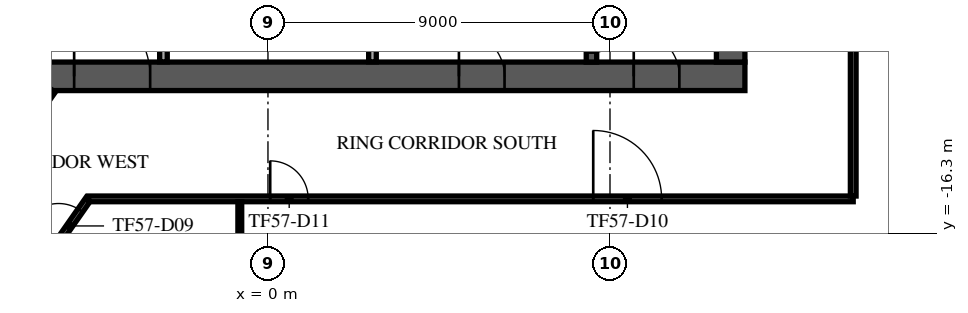
"""IFC4 building model, lengths in metres.
Left out: names, types, materials, properties, quantities, classifications, styles, units other than length and angle.
Written with IfcOpenShell. Run it as: python <this file> out.ifc"""

import sys

from ifc_helpers import new_model, si_unit, direction, frame, frame_2d, origin, place, context, subcontext, project, spatial, rectangle, extrude, element, fill, save


model = new_model("IFC4")
c1 = context("Model", 3, precision=1e-05, world=origin(), true_north=direction((0.0, 1.0)))
c2 = subcontext(c1, "Body", "Model", "MODEL_VIEW")
j1 = project(units=[si_unit("LENGTHUNIT", "METRE"), si_unit("PLANEANGLEUNIT", "RADIAN")], contexts=[c1])
p1 = place(None, origin())
s1 = spatial("IfcSite", under=j1, at=p1, CompositionType="ELEMENT")
p2 = place(p1, origin())
s2 = spatial("IfcBuilding", under=s1, at=p2, CompositionType="ELEMENT")
p3 = place(p2, frame((0.0, 0.0, 246.9)))
s3 = spatial("IfcBuildingStorey", under=s2, at=p3, CompositionType="ELEMENT", Elevation=246.9)
p4 = place(p3, frame((-12.55, -12.175, 0.0), z_axis=(0.0, 0.0, 1.0), x_axis=(1.0, 0.0, 0.0)))
e1 = element("IfcWall", 1, at=p4, inside=s3, PredefinedType="SHEAR", context=c2, shape_type="SweptSolid", body=[
    extrude(rectangle(XDim=25.1, YDim=0.75, at=frame_2d((12.55, 0.0))), origin(), (0.0, 0.0, 1.0), 3.64),
])
p5 = place(p4, frame((7.45, 0.0, 0.0)))
e2 = element("IfcOpeningElement", 2, at=p5, cuts=e1, PredefinedType="OPENING", context=c2, shape_type="SweptSolid", body=[
    extrude(rectangle(XDim=2.0, YDim=2.1, at=frame_2d((1.0, 1.05))), frame((0.0, 0.385, 0.0), z_axis=(0.0, -1.0, 0.0), x_axis=(1.0, 0.0, 0.0)), (0.0, 0.0, 1.0), 0.77),
])
p6 = place(p4, frame((17.575, 0.0, 0.0)))
e3 = element("IfcOpeningElement", 3, at=p6, cuts=e1, PredefinedType="OPENING", context=c2, shape_type="SweptSolid", body=[
    extrude(rectangle(XDim=1.2, YDim=2.1, at=frame_2d((0.6, 1.05))), frame((0.0, 0.385, 0.0), z_axis=(0.0, -1.0, 0.0), x_axis=(1.0, 0.0, 0.0)), (0.0, 0.0, 1.0), 0.77),
])
p7 = place(p4, frame((1.725, 0.0, 0.0)))
e4 = element("IfcOpeningElement", 4, at=p7, cuts=e1, PredefinedType="OPENING", context=c2, shape_type="SweptSolid", body=[
    extrude(rectangle(XDim=1.2, YDim=2.1, at=frame_2d((0.6, 1.05))), frame((0.0, 0.385, 0.0), z_axis=(0.0, -1.0, 0.0), x_axis=(1.0, 0.0, 0.0)), (0.0, 0.0, 1.0), 0.77),
])
p8 = place(p4, frame((22.175, 0.0, 0.0)))
e5 = element("IfcOpeningElement", 5, at=p8, cuts=e1, PredefinedType="OPENING", context=c2, shape_type="SweptSolid", body=[
    extrude(rectangle(XDim=1.2, YDim=2.1, at=frame_2d((0.6, 1.05))), frame((0.0, 0.385, 0.0), z_axis=(0.0, -1.0, 0.0), x_axis=(1.0, 0.0, 0.0)), (0.0, 0.0, 1.0), 0.77),
])
p9 = place(p3, frame((12.175, -11.8, 0.0), z_axis=(0.0, 0.0, 1.0), x_axis=(0.0, 1.0, 0.0)))
e6 = element("IfcWall", 6, at=p9, inside=s3, PredefinedType="SHEAR", context=c2, shape_type="SweptSolid", body=[
    extrude(rectangle(XDim=23.6, YDim=0.75, at=frame_2d((11.8, 0.0))), origin(), (0.0, 0.0, 1.0), 3.64),
])
p10 = place(p9, frame((10.6, 0.0, 0.0)))
e7 = element("IfcOpeningElement", 7, at=p10, cuts=e6, PredefinedType="OPENING", context=c2, shape_type="SweptSolid", body=[
    extrude(rectangle(XDim=2.4, YDim=2.4, at=frame_2d((1.2, 1.2))), frame((0.0, 0.385, 0.0), z_axis=(0.0, -1.0, 0.0), x_axis=(1.0, 0.0, 0.0)), (0.0, 0.0, 1.0), 0.77),
])
p11 = place(p3, frame((8.512, -4.55, 0.0), z_axis=(0.0, 0.0, 1.0), x_axis=(0.0, -1.0, 0.0)))
e8 = element("IfcWall", 8, at=p11, inside=s3, PredefinedType="SOLIDWALL", context=c2, shape_type="SweptSolid", body=[
    extrude(rectangle(XDim=7.25, YDim=0.275, at=frame_2d((3.625, 0.0))), origin(), (0.0, 0.0, 1.0), 3.64),
])
p12 = place(p11, frame((6.0, 0.0, 0.0)))
e9 = element("IfcOpeningElement", 9, at=p12, cuts=e8, PredefinedType="OPENING", context=c2, shape_type="SweptSolid", body=[
    extrude(rectangle(XDim=1.0, YDim=2.1, at=frame_2d((0.5, 1.05))), frame((0.0, 0.147, 0.0), z_axis=(0.0, -1.0, 0.0), x_axis=(1.0, 0.0, 0.0)), (0.0, 0.0, 1.0), 0.295),
])
p13 = place(p3, frame((-2.75, -11.795, 0.0), z_axis=(0.0, 0.0, 1.0), x_axis=(0.0, 1.0, 0.0)))
e10 = element("IfcWall", 10, at=p13, inside=s3, PredefinedType="PARTITIONING", context=c2, shape_type="SweptSolid", body=[
    extrude(rectangle(XDim=2.99, YDim=0.2, at=frame_2d((1.495, 0.0))), origin(), (0.0, 0.0, 1.0), 3.64),
])
p14 = place(p13, frame((0.657, 0.0, 0.0)))
e11 = element("IfcOpeningElement", 11, at=p14, cuts=e10, PredefinedType="OPENING", context=c2, shape_type="SweptSolid", body=[
    extrude(rectangle(XDim=1.8, YDim=2.1, at=frame_2d((0.9, 1.05))), frame((0.0, 0.11, 0.0), z_axis=(0.0, -1.0, 0.0), x_axis=(1.0, 0.0, 0.0)), (0.0, 0.0, 1.0), 0.22),
])
p15 = place(p3, frame((2.75, -11.795, 0.0), z_axis=(0.0, 0.0, 1.0), x_axis=(0.0, 1.0, 0.0)))
e12 = element("IfcWall", 12, at=p15, inside=s3, PredefinedType="PARTITIONING", context=c2, shape_type="SweptSolid", body=[
    extrude(rectangle(XDim=2.99, YDim=0.2, at=frame_2d((1.495, 0.0))), origin(), (0.0, 0.0, 1.0), 3.64),
])
p16 = place(p3, frame((-31.815, -13.98, 0.0), z_axis=(0.0, 0.0, 1.0), x_axis=(0.819151180661, -0.573577669737, 0.0)))
e13 = element("IfcWall", 13, at=p16, inside=s3, PredefinedType="STANDARD", context=c2, shape_type="SweptSolid", body=[
    extrude(rectangle(XDim=36.086, YDim=0.6, at=frame_2d((18.043, 0.0))), origin(), (0.0, 0.0, 1.0), 3.64),
])
p17 = place(p16, frame((1.205, 0.0, 0.9)))
e14 = element("IfcOpeningElement", 14, at=p17, cuts=e13, PredefinedType="OPENING", context=c2, shape_type="SweptSolid", body=[
    extrude(rectangle(XDim=2.1, YDim=2.1, at=frame_2d((1.05, 1.05))), frame((0.0, 0.31, 0.0), z_axis=(0.0, -1.0, 0.0), x_axis=(1.0, 0.0, 0.0)), (0.0, 0.0, 1.0), 0.62),
])
p18 = place(p16, frame((5.716, 0.0, 0.9)))
e15 = element("IfcOpeningElement", 15, at=p18, cuts=e13, PredefinedType="OPENING", context=c2, shape_type="SweptSolid", body=[
    extrude(rectangle(XDim=2.1, YDim=2.1, at=frame_2d((1.05, 1.05))), frame((0.0, 0.31, 0.0), z_axis=(0.0, -1.0, 0.0), x_axis=(1.0, 0.0, 0.0)), (0.0, 0.0, 1.0), 0.62),
])
p19 = place(p16, frame((10.227, 0.0, 0.9)))
e16 = element("IfcOpeningElement", 16, at=p19, cuts=e13, PredefinedType="OPENING", context=c2, shape_type="SweptSolid", body=[
    extrude(rectangle(XDim=2.1, YDim=2.1, at=frame_2d((1.05, 1.05))), frame((0.0, 0.31, 0.0), z_axis=(0.0, -1.0, 0.0), x_axis=(1.0, 0.0, 0.0)), (0.0, 0.0, 1.0), 0.62),
])
p20 = place(p16, frame((14.738, 0.0, 0.9)))
e17 = element("IfcOpeningElement", 17, at=p20, cuts=e13, PredefinedType="OPENING", context=c2, shape_type="SweptSolid", body=[
    extrude(rectangle(XDim=2.1, YDim=2.1, at=frame_2d((1.05, 1.05))), frame((0.0, 0.31, 0.0), z_axis=(0.0, -1.0, 0.0), x_axis=(1.0, 0.0, 0.0)), (0.0, 0.0, 1.0), 0.62),
])
p21 = place(p16, frame((19.249, 0.0, 0.9)))
e18 = element("IfcOpeningElement", 18, at=p21, cuts=e13, PredefinedType="OPENING", context=c2, shape_type="SweptSolid", body=[
    extrude(rectangle(XDim=2.1, YDim=2.1, at=frame_2d((1.05, 1.05))), frame((0.0, 0.31, 0.0), z_axis=(0.0, -1.0, 0.0), x_axis=(1.0, 0.0, 0.0)), (0.0, 0.0, 1.0), 0.62),
])
p22 = place(p16, frame((23.759, 0.0, 0.9)))
e19 = element("IfcOpeningElement", 19, at=p22, cuts=e13, PredefinedType="OPENING", context=c2, shape_type="SweptSolid", body=[
    extrude(rectangle(XDim=2.1, YDim=2.1, at=frame_2d((1.05, 1.05))), frame((0.0, 0.31, 0.0), z_axis=(0.0, -1.0, 0.0), x_axis=(1.0, 0.0, 0.0)), (0.0, 0.0, 1.0), 0.62),
])
p23 = place(p16, frame((28.27, 0.0, 0.9)))
e20 = element("IfcOpeningElement", 20, at=p23, cuts=e13, PredefinedType="OPENING", context=c2, shape_type="SweptSolid", body=[
    extrude(rectangle(XDim=2.1, YDim=2.1, at=frame_2d((1.05, 1.05))), frame((0.0, 0.31, 0.0), z_axis=(0.0, -1.0, 0.0), x_axis=(1.0, 0.0, 0.0)), (0.0, 0.0, 1.0), 0.62),
])
p24 = place(p16, frame((32.781, 0.0, 0.9)))
e21 = element("IfcOpeningElement", 21, at=p24, cuts=e13, PredefinedType="OPENING", context=c2, shape_type="SweptSolid", body=[
    extrude(rectangle(XDim=2.1, YDim=2.1, at=frame_2d((1.05, 1.05))), frame((0.0, 0.31, 0.0), z_axis=(0.0, -1.0, 0.0), x_axis=(1.0, 0.0, 0.0)), (0.0, 0.0, 1.0), 0.62),
])
p25 = place(p3, frame((5.206, -33.362, 0.0), z_axis=(0.0, 0.0, 1.0), x_axis=(0.573577438409, 0.81915134264, 0.0)))
e22 = element("IfcWall", 22, at=p25, inside=s3, PredefinedType="STANDARD", context=c2, shape_type="SweptSolid", body=[
    extrude(rectangle(XDim=48.686, YDim=0.6, at=frame_2d((24.343, 0.0))), origin(), (0.0, 0.0, 1.0), 3.64),
])
p26 = place(p25, frame((1.213, 0.0, 0.9)))
e23 = element("IfcOpeningElement", 23, at=p26, cuts=e22, PredefinedType="OPENING", context=c2, shape_type="SweptSolid", body=[
    extrude(rectangle(XDim=2.0, YDim=2.1, at=frame_2d((1.0, 1.05))), frame((0.0, 0.31, 0.0), z_axis=(0.0, -1.0, 0.0), x_axis=(1.0, 0.0, 0.0)), (0.0, 0.0, 1.0), 0.62),
])
p27 = place(p25, frame((5.639, 0.0, 0.9)))
e24 = element("IfcOpeningElement", 24, at=p27, cuts=e22, PredefinedType="OPENING", context=c2, shape_type="SweptSolid", body=[
    extrude(rectangle(XDim=2.0, YDim=2.1, at=frame_2d((1.0, 1.05))), frame((0.0, 0.31, 0.0), z_axis=(0.0, -1.0, 0.0), x_axis=(1.0, 0.0, 0.0)), (0.0, 0.0, 1.0), 0.62),
])
p28 = place(p25, frame((10.065, 0.0, 0.9)))
e25 = element("IfcOpeningElement", 25, at=p28, cuts=e22, PredefinedType="OPENING", context=c2, shape_type="SweptSolid", body=[
    extrude(rectangle(XDim=2.0, YDim=2.1, at=frame_2d((1.0, 1.05))), frame((0.0, 0.31, 0.0), z_axis=(0.0, -1.0, 0.0), x_axis=(1.0, 0.0, 0.0)), (0.0, 0.0, 1.0), 0.62),
])
p29 = place(p25, frame((14.491, 0.0, 0.9)))
e26 = element("IfcOpeningElement", 26, at=p29, cuts=e22, PredefinedType="OPENING", context=c2, shape_type="SweptSolid", body=[
    extrude(rectangle(XDim=2.0, YDim=2.1, at=frame_2d((1.0, 1.05))), frame((0.0, 0.31, 0.0), z_axis=(0.0, -1.0, 0.0), x_axis=(1.0, 0.0, 0.0)), (0.0, 0.0, 1.0), 0.62),
])
p30 = place(p25, frame((18.917, 0.0, 0.9)))
e27 = element("IfcOpeningElement", 27, at=p30, cuts=e22, PredefinedType="OPENING", context=c2, shape_type="SweptSolid", body=[
    extrude(rectangle(XDim=2.0, YDim=2.1, at=frame_2d((1.0, 1.05))), frame((0.0, 0.31, 0.0), z_axis=(0.0, -1.0, 0.0), x_axis=(1.0, 0.0, 0.0)), (0.0, 0.0, 1.0), 0.62),
])
p31 = place(p25, frame((23.343, 0.0, 0.9)))
e28 = element("IfcOpeningElement", 28, at=p31, cuts=e22, PredefinedType="OPENING", context=c2, shape_type="SweptSolid", body=[
    extrude(rectangle(XDim=2.0, YDim=2.1, at=frame_2d((1.0, 1.05))), frame((0.0, 0.31, 0.0), z_axis=(0.0, -1.0, 0.0), x_axis=(1.0, 0.0, 0.0)), (0.0, 0.0, 1.0), 0.62),
])
p32 = place(p25, frame((27.769, 0.0, 0.9)))
e29 = element("IfcOpeningElement", 29, at=p32, cuts=e22, PredefinedType="OPENING", context=c2, shape_type="SweptSolid", body=[
    extrude(rectangle(XDim=2.0, YDim=2.1, at=frame_2d((1.0, 1.05))), frame((0.0, 0.31, 0.0), z_axis=(0.0, -1.0, 0.0), x_axis=(1.0, 0.0, 0.0)), (0.0, 0.0, 1.0), 0.62),
])
p33 = place(p25, frame((32.195, 0.0, 0.9)))
e30 = element("IfcOpeningElement", 30, at=p33, cuts=e22, PredefinedType="OPENING", context=c2, shape_type="SweptSolid", body=[
    extrude(rectangle(XDim=2.0, YDim=2.1, at=frame_2d((1.0, 1.05))), frame((0.0, 0.31, 0.0), z_axis=(0.0, -1.0, 0.0), x_axis=(1.0, 0.0, 0.0)), (0.0, 0.0, 1.0), 0.62),
])
p34 = place(p25, frame((36.621, 0.0, 0.9)))
e31 = element("IfcOpeningElement", 31, at=p34, cuts=e22, PredefinedType="OPENING", context=c2, shape_type="SweptSolid", body=[
    extrude(rectangle(XDim=2.0, YDim=2.1, at=frame_2d((1.0, 1.05))), frame((0.0, 0.31, 0.0), z_axis=(0.0, -1.0, 0.0), x_axis=(1.0, 0.0, 0.0)), (0.0, 0.0, 1.0), 0.62),
])
p35 = place(p25, frame((41.047, 0.0, 0.9)))
e32 = element("IfcOpeningElement", 32, at=p35, cuts=e22, PredefinedType="OPENING", context=c2, shape_type="SweptSolid", body=[
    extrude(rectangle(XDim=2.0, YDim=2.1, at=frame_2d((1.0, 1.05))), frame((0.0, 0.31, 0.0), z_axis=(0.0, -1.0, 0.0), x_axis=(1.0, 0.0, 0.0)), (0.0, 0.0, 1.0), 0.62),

## YOUR ASSIGNMENT
Show each line in the listing above that has "import".

## SOLUTION BELOW
import sys
from ifc_helpers import new_model, si_unit, direction, frame, frame_2d, origin, place, context, subcontext, project, spatial, rectangle, extrude, element, fill, save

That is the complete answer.